*Exercise details:* Search the entries below. Return every line that has "subcontext" in it.

*Data to process:*

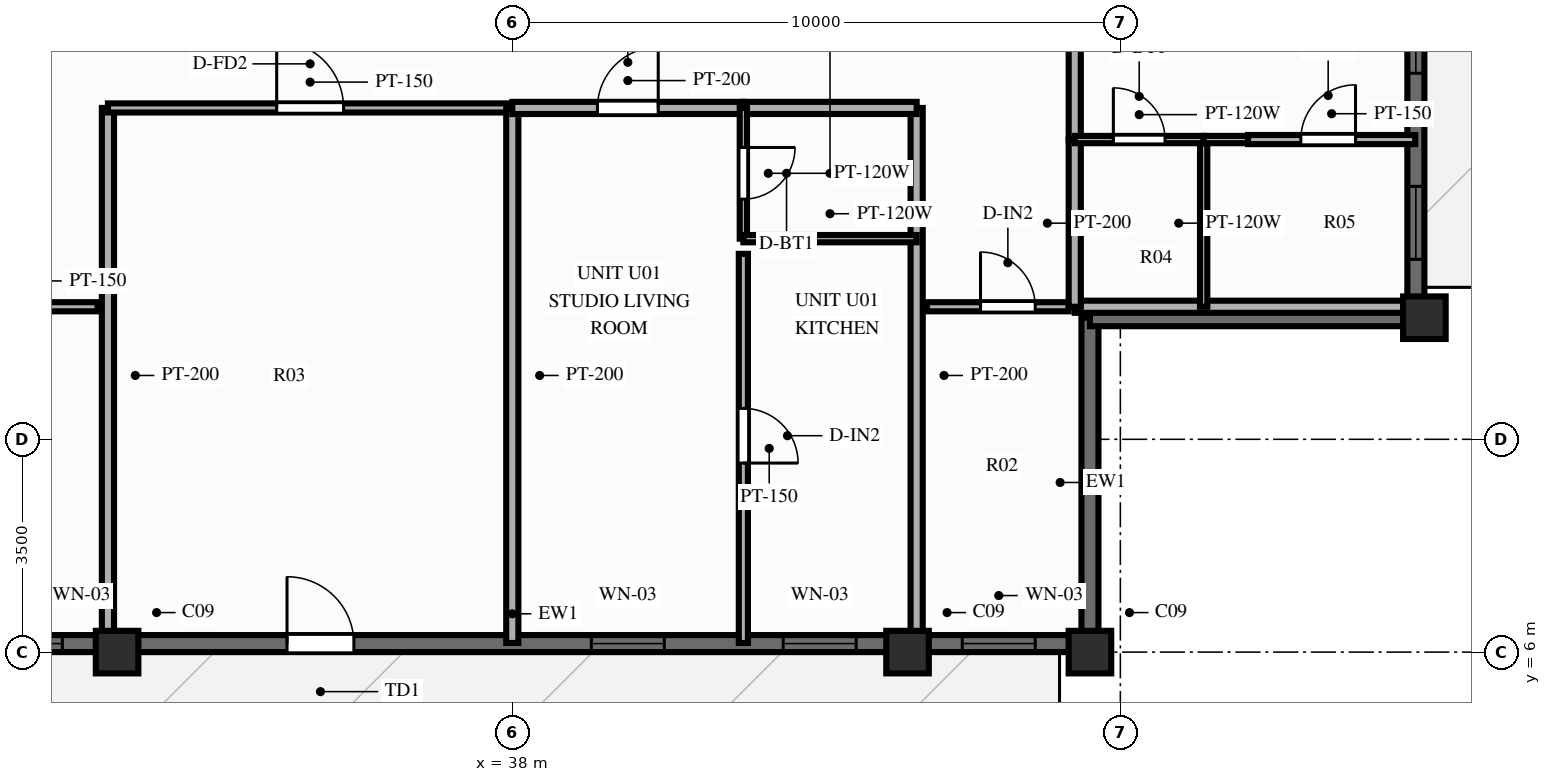
"""IFC4 building model, lengths in metres.
Left out: names, types, materials, properties, quantities, classifications, styles, units other than length and angle.
Written with IfcOpenShell. Run it as: python <this file> out.ifc"""

import sys

from ifc_helpers import new_model, si_unit, direction, frame, frame_2d, origin, origin_2d, place, context, subcontext, project, spatial, rectangle, extrude, source, transform, mapped, element, fill, save


model = new_model("IFC4")
c1 = context("Model", 3, precision=1e-05, world=origin(), true_north=direction((0.0, 1.0)))
c2 = subcontext(c1, "Body", "Model", "MODEL_VIEW")
j1 = project(units=[si_unit("LENGTHUNIT", "METRE"), si_unit("PLANEANGLEUNIT", "RADIAN")], contexts=[c1])
p1 = place(None, origin())
s1 = spatial("IfcSite", under=j1, at=p1, CompositionType="ELEMENT")
p2 = place(p1, origin())
s2 = spatial("IfcBuilding", under=s1, at=p2, CompositionType="ELEMENT")
p3 = place(p2, frame((0.0, 0.0, 240.0)))
s3 = spatial("IfcBuildingStorey", under=s2, at=p3, CompositionType="ELEMENT", Elevation=240.0)
m1 = source(origin(), c2, "Body", "SweptSolid", [
    extrude(rectangle(XDim=0.7, YDim=0.7, at=origin_2d()), origin(), (0.0, 0.0, 1.0), 3.0),
])
for number, where, z_axis, x_axis in (
    (1, (31.5, 6.0, 0.0), (0.0, 0.0, 1.0), (1.0, 0.0, 0.0)),
    (2, (44.5, 6.0, 0.0), (0.0, 0.0, 1.0), (1.0, 0.0, 0.0)),
    (3, (47.5, 6.0, 0.0), (0.0, 0.0, 1.0), (1.0, 0.0, 0.0)),
    (4, (53.0, 11.5, 0.0), (0.0, 0.0, 1.0), (1.0, 0.0, 0.0)),
):
    element("IfcColumn", number, at=place(p3, frame(where, z_axis=z_axis, x_axis=x_axis)), inside=s3, PredefinedType="COLUMN", context=c2, shape_type="MappedRepresentation", body=[
        mapped(m1, transform((0.0, 0.0, 0.0), scale=1.0)),
    ])
p4 = place(p3, frame((28.5, 6.14, 0.0), z_axis=(0.0, 0.0, 1.0), x_axis=(1.0, 0.0, 0.0)))
e5 = element("IfcWall", 5, at=p4, inside=s3, PredefinedType="SOLIDWALL", context=c2, shape_type="SweptSolid", body=[
    extrude(rectangle(XDim=19.0, YDim=0.28, at=frame_2d((9.5, 0.0))), origin(), (0.0, 0.0, 1.0), 2.28),
])
p5 = place(p4, frame((0.9, 0.0, 0.25)))
e6 = element("IfcOpeningElement", 6, at=p5, cuts=e5, PredefinedType="OPENING", context=c2, shape_type="SweptSolid", body=[
    extrude(rectangle(XDim=1.2, YDim=1.5, at=frame_2d((0.6, 0.75))), frame((0.0, 0.152, 0.0), z_axis=(0.0, -1.0, 0.0), x_axis=(1.0, 0.0, 0.0)), (0.0, 0.0, 1.0), 0.304),
])
p6 = place(p4, frame((6.895, 0.0, 0.0), z_axis=(0.0, 0.0, 1.0), x_axis=(-1.0, 0.0, 0.0)))
e7 = element("IfcOpeningElement", 7, at=p6, cuts=e5, PredefinedType="OPENING", context=c2, shape_type="SweptSolid", body=[
    extrude(rectangle(XDim=1.1, YDim=2.15, at=frame_2d((0.55, 1.075))), frame((0.0, 0.152, 0.0), z_axis=(0.0, -1.0, 0.0), x_axis=(1.0, 0.0, 0.0)), (0.0, 0.0, 1.0), 0.304),
])
p7 = place(p4, frame((10.8, 0.0, 0.25)))
e8 = element("IfcOpeningElement", 8, at=p7, cuts=e5, PredefinedType="OPENING", context=c2, shape_type="SweptSolid", body=[
    extrude(rectangle(XDim=1.2, YDim=1.5, at=frame_2d((0.6, 0.75))), frame((0.0, 0.152, 0.0), z_axis=(0.0, -1.0, 0.0), x_axis=(1.0, 0.0, 0.0)), (0.0, 0.0, 1.0), 0.304),
])
p8 = place(p4, frame((13.955, 0.0, 0.25)))
e9 = element("IfcOpeningElement", 9, at=p8, cuts=e5, PredefinedType="OPENING", context=c2, shape_type="SweptSolid", body=[
    extrude(rectangle(XDim=1.2, YDim=1.5, at=frame_2d((0.6, 0.75))), frame((0.0, 0.152, 0.0), z_axis=(0.0, -1.0, 0.0), x_axis=(1.0, 0.0, 0.0)), (0.0, 0.0, 1.0), 0.304),
])
p9 = place(p4, frame((16.9, 0.0, 0.25)))
e10 = element("IfcOpeningElement", 10, at=p9, cuts=e5, PredefinedType="OPENING", context=c2, shape_type="SweptSolid", body=[
    extrude(rectangle(XDim=1.2, YDim=1.5, at=frame_2d((0.6, 0.75))), frame((0.0, 0.152, 0.0), z_axis=(0.0, -1.0, 0.0), x_axis=(1.0, 0.0, 0.0)), (0.0, 0.0, 1.0), 0.304),
])
p10 = place(p3, frame((52.86, 11.5, 0.0), z_axis=(0.0, 0.0, 1.0), x_axis=(0.0, 1.0, 0.0)))
e11 = element("IfcWall", 11, at=p10, inside=s3, PredefinedType="SOLIDWALL", context=c2, shape_type="SweptSolid", body=[
    extrude(rectangle(XDim=31.0, YDim=0.28, at=frame_2d((15.5, 0.0))), origin(), (0.0, 0.0, 1.0), 2.28),
])
p11 = place(p10, frame((0.96, 0.0, 0.25)))
e12 = element("IfcOpeningElement", 12, at=p11, cuts=e11, PredefinedType="OPENING", context=c2, shape_type="SweptSolid", body=[
    extrude(rectangle(XDim=1.2, YDim=1.5, at=frame_2d((0.6, 0.75))), frame((0.0, 0.152, 0.0), z_axis=(0.0, -1.0, 0.0), x_axis=(1.0, 0.0, 0.0)), (0.0, 0.0, 1.0), 0.304),
])
p12 = place(p10, frame((4.02, 0.0, 0.25)))
e13 = element("IfcOpeningElement", 13, at=p12, cuts=e11, PredefinedType="OPENING", context=c2, shape_type="SweptSolid", body=[
    extrude(rectangle(XDim=1.2, YDim=1.5, at=frame_2d((0.6, 0.75))), frame((0.0, 0.152, 0.0), z_axis=(0.0, -1.0, 0.0), x_axis=(1.0, 0.0, 0.0)), (0.0, 0.0, 1.0), 0.304),
])
p13 = place(p10, frame((8.495, 0.0, 0.25)))
e14 = element("IfcOpeningElement", 14, at=p13, cuts=e11, PredefinedType="OPENING", context=c2, shape_type="SweptSolid", body=[
    extrude(rectangle(XDim=1.2, YDim=1.5, at=frame_2d((0.6, 0.75))), frame((0.0, 0.152, 0.0), z_axis=(0.0, -1.0, 0.0), x_axis=(1.0, 0.0, 0.0)), (0.0, 0.0, 1.0), 0.304),
])
p14 = place(p10, frame((12.9, 0.0, 0.25)))
e15 = element("IfcOpeningElement", 15, at=p14, cuts=e11, PredefinedType="OPENING", context=c2, shape_type="SweptSolid", body=[
    extrude(rectangle(XDim=1.2, YDim=1.5, at=frame_2d((0.6, 0.75))), frame((0.0, 0.152, 0.0), z_axis=(0.0, -1.0, 0.0), x_axis=(1.0, 0.0, 0.0)), (0.0, 0.0, 1.0), 0.304),
])
p15 = place(p10, frame((18.75, 0.0, 0.0), z_axis=(0.0, 0.0, 1.0), x_axis=(-1.0, 0.0, 0.0)))
e16 = element("IfcOpeningElement", 16, at=p15, cuts=e11, PredefinedType="OPENING", context=c2, shape_type="SweptSolid", body=[
    extrude(rectangle(XDim=1.6, YDim=2.15, at=frame_2d((0.8, 1.075))), frame((0.0, 0.152, 0.0), z_axis=(0.0, -1.0, 0.0), x_axis=(1.0, 0.0, 0.0)), (0.0, 0.0, 1.0), 0.304),
])
p16 = place(p10, frame((21.755, 0.0, 0.25)))
e17 = element("IfcOpeningElement", 17, at=p16, cuts=e11, PredefinedType="OPENING", context=c2, shape_type="SweptSolid", body=[
    extrude(rectangle(XDim=1.2, YDim=1.5, at=frame_2d((0.6, 0.75))), frame((0.0, 0.152, 0.0), z_axis=(0.0, -1.0, 0.0), x_axis=(1.0, 0.0, 0.0)), (0.0, 0.0, 1.0), 0.304),
])
p17 = place(p10, frame((27.15, 0.0, 0.25)))
e18 = element("IfcOpeningElement", 18, at=p17, cuts=e11, PredefinedType="OPENING", context=c2, shape_type="SweptSolid", body=[
    extrude(rectangle(XDim=1.2, YDim=1.5, at=frame_2d((0.6, 0.75))), frame((0.0, 0.152, 0.0), z_axis=(0.0, -1.0, 0.0), x_axis=(1.0, 0.0, 0.0)), (0.0, 0.0, 1.0), 0.304),
])
for number, where, z_axis, x_axis in (
    (19, (47.5, 6.08, 0.0), (0.0, 0.0, 1.0), (0.0, 1.0, 0.0)),
    (20, (47.5, 11.5, 0.0), (0.0, 0.0, 1.0), (1.0, 0.0, 0.0)),
):
    element("IfcWall", number, at=place(p3, frame(where, z_axis=z_axis, x_axis=x_axis)), inside=s3, PredefinedType="SOLIDWALL", context=c2, shape_type="SweptSolid", body=[
        extrude(rectangle(XDim=5.42, YDim=0.28, at=frame_2d((2.71, 0.0))), origin(), (0.0, 0.0, 1.0), 2.28),
    ])
p18 = place(p3, frame((28.85, 11.68, 0.0), z_axis=(0.0, 0.0, 1.0), x_axis=(1.0, 0.0, 0.0)))
e21 = element("IfcWall", 21, at=p18, inside=s3, PredefinedType="PARTITIONING", context=c2, shape_type="SweptSolid", body=[
    extrude(rectangle(XDim=2.33, YDim=0.15, at=frame_2d((1.165, 0.0))), origin(), (0.0, 0.0, 1.0), 2.79),
])
p19 = place(p18, frame((0.55, 0.0, 0.0)))
e22 = element("IfcOpeningElement", 22, at=p19, cuts=e21, PredefinedType="OPENING", context=c2, shape_type="SweptSolid", body=[
    extrude(rectangle(XDim=0.9, YDim=2.1, at=frame_2d((0.45, 1.05))), frame((0.0, 0.087, 0.0), z_axis=(0.0, -1.0, 0.0), x_axis=(1.0, 0.0, 0.0)), (0.0, 0.0, 1.0), 0.174),
])
p20 = place(p3, frame((44.82, 11.68, 0.0), z_axis=(0.0, 0.0, 1.0), x_axis=(1.0, 0.0, 0.0)))
e23 = element("IfcWall", 23, at=p20, inside=s3, PredefinedType="PARTITIONING", context=c2, shape_type="SweptSolid", body=[
    extrude(rectangle(XDim=2.33, YDim=0.15, at=frame_2d((1.165, 0.0))), origin(), (0.0, 0.0, 1.0), 2.79),
])
p21 = place(p20, frame((0.88, 0.0, 0.0)))
e24 = element("IfcOpeningElement", 24, at=p21, cuts=e23, PredefinedType="OPENING", context=c2, shape_type="SweptSolid", body=[
    extrude(rectangle(XDim=0.9, YDim=2.1, at=frame_2d((0.45, 1.05))), frame((0.0, 0.087, 0.0), z_axis=(0.0, -1.0, 0.0), x_axis=(1.0, 0.0, 0.0)), (0.0, 0.0, 1.0), 0.174),
])
for number, where, z_axis, x_axis in (
    (25, (31.35, 14.95, 0.0), (0.0, 0.0, 1.0), (0.0, -1.0, 0.0)),
    (26, (44.65, 14.95, 0.0), (0.0, 0.0, 1.0), (0.0, -1.0, 0.0)),
):
    element("IfcWall", number, at=place(p3, frame(where, z_axis=z_axis, x_axis=x_axis)), inside=s3, PredefinedType="PARTITIONING", context=c2, shape_type="SweptSolid", body=[
        extrude(rectangle(XDim=8.8, YDim=0.2, at=frame_2d((4.4, 0.0))), origin(), (0.0, 0.0, 1.0), 2.39),
    ])
p22 = place(p3, frame((31.35, 14.95, 0.0), z_axis=(0.0, 0.0, 1.0), x_axis=(1.0, 0.0, 0.0)))
e27 = element("IfcWall", 27, at=p22, inside=s3, PredefinedType="PARTITIONING", context=c2, shape_type="SweptSolid", body=[
    extrude(rectangle(XDim=6.65, YDim=0.15, at=frame_2d((3.325, 0.0))), origin(), (0.0, 0.0, 1.0), 2.79),
])
p23 = place(p22, frame((2.775, 0.0, 0.0)))
e28 = element("IfcOpeningElement", 28, at=p23, cuts=e27, PredefinedType="OPENING", context=c2, shape_type="SweptSolid", body=[
    extrude(rectangle(XDim=1.1, YDim=2.15, at=frame_2d((0.55, 1.075))), frame((0.0, 0.087, 0.0), z_axis=(0.0, -1.0, 0.0), x_axis=(1.0, 0.0, 0.0)), (0.0, 0.0, 1.0), 0.174),
])
p24 = place(p3, frame((38.0, 14.95, 0.0), z_axis=(0.0, 0.0, 1.0), x_axis=(0.0, -1.0, 0.0)))
e29 = element("IfcWall", 29, at=p24, inside=s3, PredefinedType="PARTITIONING", context=c2, shape_type="SweptSolid", body=[
    extrude(rectangle(XDim=8.8, YDim=0.2, at=frame_2d((4.4, 0.0))), origin(), (0.0, 0.0, 1.0), 2.79),
])
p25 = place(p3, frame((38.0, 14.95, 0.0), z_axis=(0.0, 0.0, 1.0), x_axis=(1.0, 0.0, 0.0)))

*Written response:*
from ifc_helpers import new_model, si_unit, direction, frame, frame_2d, origin, origin_2d, place, context, subcontext, project, spatial, rectangle, extrude, source, transform, mapped, element, fill, save
c2 = subcontext(c1, "Body", "Model", "MODEL_VIEW")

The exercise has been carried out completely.